▶ **Task directions**:
After finding the line that contains "Rectangle(SKETCH2_W, SKETCH2_H)" in the entries below, retype it and every following line precisely, the last included.

========================================================================

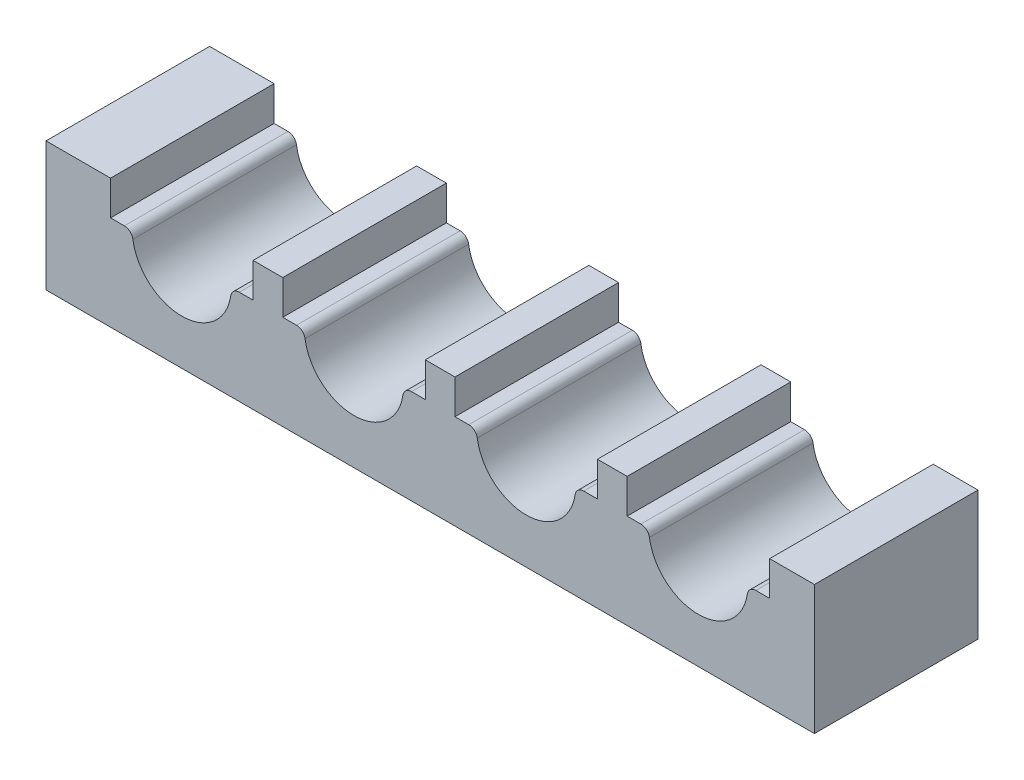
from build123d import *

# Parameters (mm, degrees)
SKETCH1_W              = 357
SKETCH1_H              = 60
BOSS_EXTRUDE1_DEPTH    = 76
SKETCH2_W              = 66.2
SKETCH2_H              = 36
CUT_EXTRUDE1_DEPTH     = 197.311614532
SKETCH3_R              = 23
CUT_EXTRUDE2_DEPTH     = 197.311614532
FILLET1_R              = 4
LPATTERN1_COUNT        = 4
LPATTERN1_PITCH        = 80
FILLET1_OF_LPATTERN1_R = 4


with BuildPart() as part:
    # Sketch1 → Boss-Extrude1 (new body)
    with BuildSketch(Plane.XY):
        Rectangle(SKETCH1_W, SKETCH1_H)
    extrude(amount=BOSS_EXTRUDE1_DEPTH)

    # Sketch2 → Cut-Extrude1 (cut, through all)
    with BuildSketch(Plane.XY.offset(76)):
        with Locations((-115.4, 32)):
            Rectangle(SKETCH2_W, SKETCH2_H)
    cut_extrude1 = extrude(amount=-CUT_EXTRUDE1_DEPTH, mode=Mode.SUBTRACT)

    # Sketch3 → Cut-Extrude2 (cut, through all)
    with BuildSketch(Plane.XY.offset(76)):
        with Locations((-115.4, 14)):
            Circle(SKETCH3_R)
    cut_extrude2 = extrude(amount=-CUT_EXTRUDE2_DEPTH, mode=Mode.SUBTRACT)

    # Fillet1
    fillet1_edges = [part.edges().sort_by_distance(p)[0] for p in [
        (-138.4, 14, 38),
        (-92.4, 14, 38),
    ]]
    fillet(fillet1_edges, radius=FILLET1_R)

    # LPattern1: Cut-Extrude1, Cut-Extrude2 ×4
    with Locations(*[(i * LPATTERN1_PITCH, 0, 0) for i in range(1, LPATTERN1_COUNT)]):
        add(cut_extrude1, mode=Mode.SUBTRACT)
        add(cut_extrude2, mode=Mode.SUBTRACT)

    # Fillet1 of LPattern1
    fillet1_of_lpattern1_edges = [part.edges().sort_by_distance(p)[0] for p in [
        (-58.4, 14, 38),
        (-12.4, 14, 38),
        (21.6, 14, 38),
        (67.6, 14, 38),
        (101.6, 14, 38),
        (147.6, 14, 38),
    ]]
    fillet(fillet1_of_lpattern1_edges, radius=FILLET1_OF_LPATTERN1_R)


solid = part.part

========================================================================

▶ **Answer area**:
            Rectangle(SKETCH2_W, SKETCH2_H)
    cut_extrude1 = extrude(amount=-CUT_EXTRUDE1_DEPTH, mode=Mode.SUBTRACT)

    # Sketch3 → Cut-Extrude2 (cut, through all)
    with BuildSketch(Plane.XY.offset(76)):
        with Locations((-115.4, 14)):
            Circle(SKETCH3_R)
    cut_extrude2 = extrude(amount=-CUT_EXTRUDE2_DEPTH, mode=Mode.SUBTRACT)

    # Fillet1
    fillet1_edges = [part.edges().sort_by_distance(p)[0] for p in [
        (-138.4, 14, 38),
        (-92.4, 14, 38),
    ]]
    fillet(fillet1_edges, radius=FILLET1_R)

    # LPattern1: Cut-Extrude1, Cut-Extrude2 ×4
    with Locations(*[(i * LPATTERN1_PITCH, 0, 0) for i in range(1, LPATTERN1_COUNT)]):
        add(cut_extrude1, mode=Mode.SUBTRACT)
        add(cut_extrude2, mode=Mode.SUBTRACT)

    # Fillet1 of LPattern1
    fillet1_of_lpattern1_edges = [part.edges().sort_by_distance(p)[0] for p in [
        (-58.4, 14, 38),
        (-12.4, 14, 38),
        (21.6, 14, 38),
        (67.6, 14, 38),
        (101.6, 14, 38),
        (147.6, 14, 38),
    ]]
    fillet(fillet1_of_lpattern1_edges, radius=FILLET1_OF_LPATTERN1_R)


solid = part.part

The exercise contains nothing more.